### [Stored data]

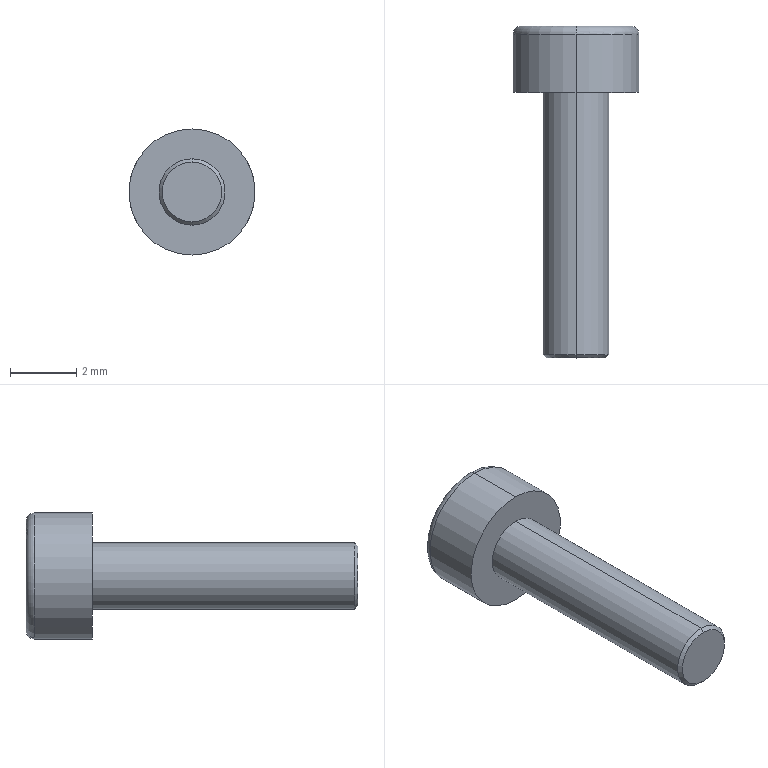Component | SolidWorks | hexagon socket head cap screws gb-4 | 1 solid | 25 faces | box 3.8 x 10 x 3.8 mm | volume 45 mm3 | plane 15 | cone 4 | cylinder 4 | torus 2 | commonest cylinder face diameters 2 x2 3.8 x2
STEP:
#1=COLOUR_RGB('',0.7922,0.8196,0.9333);
#2=FILL_AREA_STYLE_COLOUR('',#1);
#3=FILL_AREA_STYLE('',(#2));
#4=SURFACE_STYLE_FILL_AREA(#3);
#5=SURFACE_SIDE_STYLE('',(#4));
#6=SURFACE_STYLE_USAGE(.BOTH.,#5);
#7=PRESENTATION_STYLE_ASSIGNMENT((#6));
#8=CARTESIAN_POINT('',(1.349,0.4924,7.451));
#9=VERTEX_POINT('',#8);
#10=CARTESIAN_POINT('',(1.349,0.4924,7.522));
#11=VERTEX_POINT('',#10);
#12=CARTESIAN_POINT('',(1.349,0.4924,7.487));
#13=DIRECTION('',(0.,-1.,0.));
#14=DIRECTION('',(0.,0.,-1.));
#15=AXIS2_PLACEMENT_3D('',#12,#13,#14);
#16=CIRCLE('',#15,0.03543);
#17=EDGE_CURVE('',#9,#11,#16,.T.);
#18=ORIENTED_EDGE('',*,*,#17,.F.);
#19=CARTESIAN_POINT('',(1.349,0.4963,7.448));
#20=VERTEX_POINT('',#19);
#21=CARTESIAN_POINT('',(1.349,0.4924,7.451));
#22=DIRECTION('',(0.,0.7071,-0.7071));
#23=VECTOR('',#22,39.37);
#24=LINE('',#21,#23);
#25=EDGE_CURVE('',#9,#20,#24,.T.);
#26=ORIENTED_EDGE('',*,*,#25,.T.);
#27=CARTESIAN_POINT('',(1.349,0.4963,7.526));
#28=VERTEX_POINT('',#27);
#29=CARTESIAN_POINT('',(1.349,0.4963,7.487));
#30=DIRECTION('',(0.,1.,0.));
#31=DIRECTION('',(0.,0.,-1.));
#32=AXIS2_PLACEMENT_3D('',#29,#30,#31);
#33=CIRCLE('',#32,0.03937);
#34=EDGE_CURVE('',#28,#20,#33,.T.);
#35=ORIENTED_EDGE('',*,*,#34,.F.);
#36=CARTESIAN_POINT('',(1.349,0.4924,7.522));
#37=DIRECTION('',(0.,0.7071,0.7071));
#38=VECTOR('',#37,39.37);
#39=LINE('',#36,#38);
#40=EDGE_CURVE('',#11,#28,#39,.T.);
#41=ORIENTED_EDGE('',*,*,#40,.F.);
#42=EDGE_LOOP('',(#18,#26,#35,#41));
#43=FACE_OUTER_BOUND('',#42,.T.);
#44=CARTESIAN_POINT('',(1.349,0.4924,7.487));
#45=DIRECTION('',(0.,1.,0.));
#46=DIRECTION('',(0.,0.,1.));
#47=AXIS2_PLACEMENT_3D('',#44,#45,#46);
#48=CONICAL_SURFACE('',#47,0.03543,0.7854);
#49=ADVANCED_FACE('',(#43),#48,.T.);
#50=CARTESIAN_POINT('',(1.349,0.8861,7.552));
#51=VERTEX_POINT('',#50);
#52=CARTESIAN_POINT('',(1.349,0.8861,7.422));
#53=VERTEX_POINT('',#52);
#54=CARTESIAN_POINT('',(1.349,0.8861,7.487));
#55=DIRECTION('',(0.,1.,0.));
#56=DIRECTION('',(0.,0.,-1.));
#57=AXIS2_PLACEMENT_3D('',#54,#55,#56);
#58=CIRCLE('',#57,0.06496);
#59=EDGE_CURVE('',#51,#53,#58,.T.);
#60=ORIENTED_EDGE('',*,*,#59,.F.);
#61=CARTESIAN_POINT('',(1.349,0.8762,7.562));
#62=VERTEX_POINT('',#61);
#63=CARTESIAN_POINT('',(1.349,0.8762,7.552));
#64=DIRECTION('',(1.,0.,-0.));
#65=DIRECTION('',(0.,0.,-1.));
#66=AXIS2_PLACEMENT_3D('',#63,#64,#65);
#67=CIRCLE('',#66,0.009843);
#68=EDGE_CURVE('',#51,#62,#67,.T.);
#69=ORIENTED_EDGE('',*,*,#68,.T.);
#70=CARTESIAN_POINT('',(1.349,0.8762,7.412));
#71=VERTEX_POINT('',#70);
#72=CARTESIAN_POINT('',(1.349,0.8762,7.487));
#73=DIRECTION('',(0.,-1.,0.));
#74=DIRECTION('',(0.,0.,-1.));
#75=AXIS2_PLACEMENT_3D('',#72,#73,#74);
#76=CIRCLE('',#75,0.0748);
#77=EDGE_CURVE('',#71,#62,#76,.T.);
#78=ORIENTED_EDGE('',*,*,#77,.F.);
#79=CARTESIAN_POINT('',(1.349,0.8762,7.422));
#80=DIRECTION('',(-1.,0.,0.));
#81=DIRECTION('',(0.,0.,1.));
#82=AXIS2_PLACEMENT_3D('',#79,#80,#81);
#83=CIRCLE('',#82,0.009843);
#84=EDGE_CURVE('',#53,#71,#83,.T.);
#85=ORIENTED_EDGE('',*,*,#84,.F.);
#86=EDGE_LOOP('',(#60,#69,#78,#85));
#87=FACE_OUTER_BOUND('',#86,.T.);
#88=CARTESIAN_POINT('',(1.349,0.8762,7.487));
#89=DIRECTION('',(0.,-1.,0.));
#90=DIRECTION('',(0.,0.,-1.));
#91=AXIS2_PLACEMENT_3D('',#88,#89,#90);
#92=TOROIDAL_SURFACE('',#91,0.06496,0.009843);
#93=ADVANCED_FACE('',(#87),#92,.T.);
#94=CARTESIAN_POINT('',(1.349,0.8297,7.487));
#95=VERTEX_POINT('',#94);
#96=CARTESIAN_POINT('',(1.349,0.8467,7.516));
#97=VERTEX_POINT('',#96);
#98=CARTESIAN_POINT('',(1.349,0.8467,7.516));
#99=DIRECTION('',(0.,0.5,0.866));
#100=VECTOR('',#99,39.37);
#101=LINE('',#98,#100);
#102=EDGE_CURVE('',#95,#97,#101,.T.);
#103=ORIENTED_EDGE('',*,*,#102,.F.);
#104=CARTESIAN_POINT('',(1.349,0.8467,7.457));
#105=VERTEX_POINT('',#104);
#106=CARTESIAN_POINT('',(1.349,0.8467,7.457));
#107=DIRECTION('',(0.,0.5,-0.866));
#108=VECTOR('',#107,39.37);
#109=LINE('',#106,#108);
#110=EDGE_CURVE('',#95,#105,#109,.T.);
#111=ORIENTED_EDGE('',*,*,#110,.T.);
#112=CARTESIAN_POINT('',(1.334,0.8467,7.461));
#113=VERTEX_POINT('',#112);
#114=CARTESIAN_POINT('',(1.349,0.8467,7.487));
#115=DIRECTION('',(0.,1.,0.));
#116=DIRECTION('',(0.,0.,-1.));
#117=AXIS2_PLACEMENT_3D('',#114,#115,#116);
#118=CIRCLE('',#117,0.02953);
#119=EDGE_CURVE('',#105,#113,#118,.T.);
#120=ORIENTED_EDGE('',*,*,#119,.T.);
#121=CARTESIAN_POINT('',(1.32,0.8467,7.487));
#122=VERTEX_POINT('',#121);
#123=CARTESIAN_POINT('',(1.349,0.8467,7.487));
#124=DIRECTION('',(0.,1.,0.));
#125=DIRECTION('',(0.,0.,-1.));
#126=AXIS2_PLACEMENT_3D('',#123,#124,#125);
#127=CIRCLE('',#126,0.02953);
#128=EDGE_CURVE('',#113,#122,#127,.T.);
#129=ORIENTED_EDGE('',*,*,#128,.T.);
#130=CARTESIAN_POINT('',(1.334,0.8467,7.512));
#131=VERTEX_POINT('',#130);
#132=CARTESIAN_POINT('',(1.349,0.8467,7.487));
#133=DIRECTION('',(0.,1.,0.));
#134=DIRECTION('',(0.,0.,-1.));
#135=AXIS2_PLACEMENT_3D('',#132,#133,#134);
#136=CIRCLE('',#135,0.02953);
#137=EDGE_CURVE('',#122,#131,#136,.T.);
#138=ORIENTED_EDGE('',*,*,#137,.T.);
#139=CARTESIAN_POINT('',(1.349,0.8467,7.487));
#140=DIRECTION('',(0.,1.,0.));
#141=DIRECTION('',(0.,0.,-1.));
#142=AXIS2_PLACEMENT_3D('',#139,#140,#141);
#143=CIRCLE('',#142,0.02953);
#144=EDGE_CURVE('',#131,#97,#143,.T.);
#145=ORIENTED_EDGE('',*,*,#144,.T.);
#146=EDGE_LOOP('',(#103,#111,#120,#129,#138,#145));
#147=FACE_OUTER_BOUND('',#146,.T.);
#148=CARTESIAN_POINT('',(1.349,0.8467,7.487));
#149=DIRECTION('',(0.,1.,0.));
#150=DIRECTION('',(0.,0.,1.));
#151=AXIS2_PLACEMENT_3D('',#148,#149,#150);
#152=CONICAL_SURFACE('',#151,0.02953,1.047);
#153=ADVANCED_FACE('',(#147),#152,.F.);
#154=ORIENTED_EDGE('',*,*,#34,.T.);
#155=CARTESIAN_POINT('',(1.349,0.8073,7.448));
#156=VERTEX_POINT('',#155);
#157=CARTESIAN_POINT('',(1.349,0.4924,7.448));
#158=DIRECTION('',(0.,1.,0.));
#159=VECTOR('',#158,39.37);
#160=LINE('',#157,#159);
#161=EDGE_CURVE('',#20,#156,#160,.T.);
#162=ORIENTED_EDGE('',*,*,#161,.T.);
#163=CARTESIAN_POINT('',(1.349,0.8073,7.526));
#164=VERTEX_POINT('',#163);
#165=CARTESIAN_POINT('',(1.349,0.8073,7.487));
#166=DIRECTION('',(0.,-1.,0.));
#167=DIRECTION('',(0.,0.,-1.));
#168=AXIS2_PLACEMENT_3D('',#165,#166,#167);
#169=CIRCLE('',#168,0.03937);
#170=EDGE_CURVE('',#156,#164,#169,.T.);
#171=ORIENTED_EDGE('',*,*,#170,.T.);
#172=CARTESIAN_POINT('',(1.349,0.4924,7.526));
#173=DIRECTION('',(0.,1.,0.));
#174=VECTOR('',#173,39.37);
#175=LINE('',#172,#174);
#176=EDGE_CURVE('',#28,#164,#175,.T.);
#177=ORIENTED_EDGE('',*,*,#176,.F.);
#178=EDGE_LOOP('',(#154,#162,#171,#177));
#179=FACE_OUTER_BOUND('',#178,.T.);
#180=CARTESIAN_POINT('',(1.349,0.4924,7.487));
#181=DIRECTION('',(0.,1.,0.));
#182=DIRECTION('',(0.,0.,1.));
#183=AXIS2_PLACEMENT_3D('',#180,#181,#182);
#184=CYLINDRICAL_SURFACE('',#183,0.03937);
#185=ADVANCED_FACE('',(#179),#184,.T.);
#186=CARTESIAN_POINT('',(1.349,0.8073,7.412));
#187=VERTEX_POINT('',#186);
#188=CARTESIAN_POINT('',(1.349,0.8073,7.562));
#189=VERTEX_POINT('',#188);
#190=CARTESIAN_POINT('',(1.349,0.8073,7.487));
#191=DIRECTION('',(0.,-1.,0.));
#192=DIRECTION('',(0.,0.,-1.));
#193=AXIS2_PLACEMENT_3D('',#190,#191,#192);
#194=CIRCLE('',#193,0.0748);
#195=EDGE_CURVE('',#187,#189,#194,.T.);
#196=ORIENTED_EDGE('',*,*,#195,.F.);
#197=CARTESIAN_POINT('',(1.349,0.8073,7.412));
#198=DIRECTION('',(0.,1.,0.));
#199=VECTOR('',#198,39.37);
#200=LINE('',#197,#199);
#201=EDGE_CURVE('',#187,#71,#200,.T.);
#202=ORIENTED_EDGE('',*,*,#201,.T.);
#203=ORIENTED_EDGE('',*,*,#77,.T.);
#204=CARTESIAN_POINT('',(1.349,0.8073,7.562));
#205=DIRECTION('',(0.,1.,0.));
#206=VECTOR('',#205,39.37);
#207=LINE('',#204,#206);
#208=EDGE_CURVE('',#189,#62,#207,.T.);
#209=ORIENTED_EDGE('',*,*,#208,.F.);
#210=EDGE_LOOP('',(#196,#202,#203,#209));
#211=FACE_OUTER_BOUND('',#210,.T.);
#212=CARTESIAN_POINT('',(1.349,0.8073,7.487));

### [Required action]
Only one stretch of the data is wanted: the lines from the one with "#200=LINE('',#197,#199);" through the last, repeated exactly.

### [Result]
#200=LINE('',#197,#199);
#201=EDGE_CURVE('',#187,#71,#200,.T.);
#202=ORIENTED_EDGE('',*,*,#201,.T.);
#203=ORIENTED_EDGE('',*,*,#77,.T.);
#204=CARTESIAN_POINT('',(1.349,0.8073,7.562));
#205=DIRECTION('',(0.,1.,0.));
#206=VECTOR('',#205,39.37);
#207=LINE('',#204,#206);
#208=EDGE_CURVE('',#189,#62,#207,.T.);
#209=ORIENTED_EDGE('',*,*,#208,.F.);
#210=EDGE_LOOP('',(#196,#202,#203,#209));
#211=FACE_OUTER_BOUND('',#210,.T.);
#212=CARTESIAN_POINT('',(1.349,0.8073,7.487));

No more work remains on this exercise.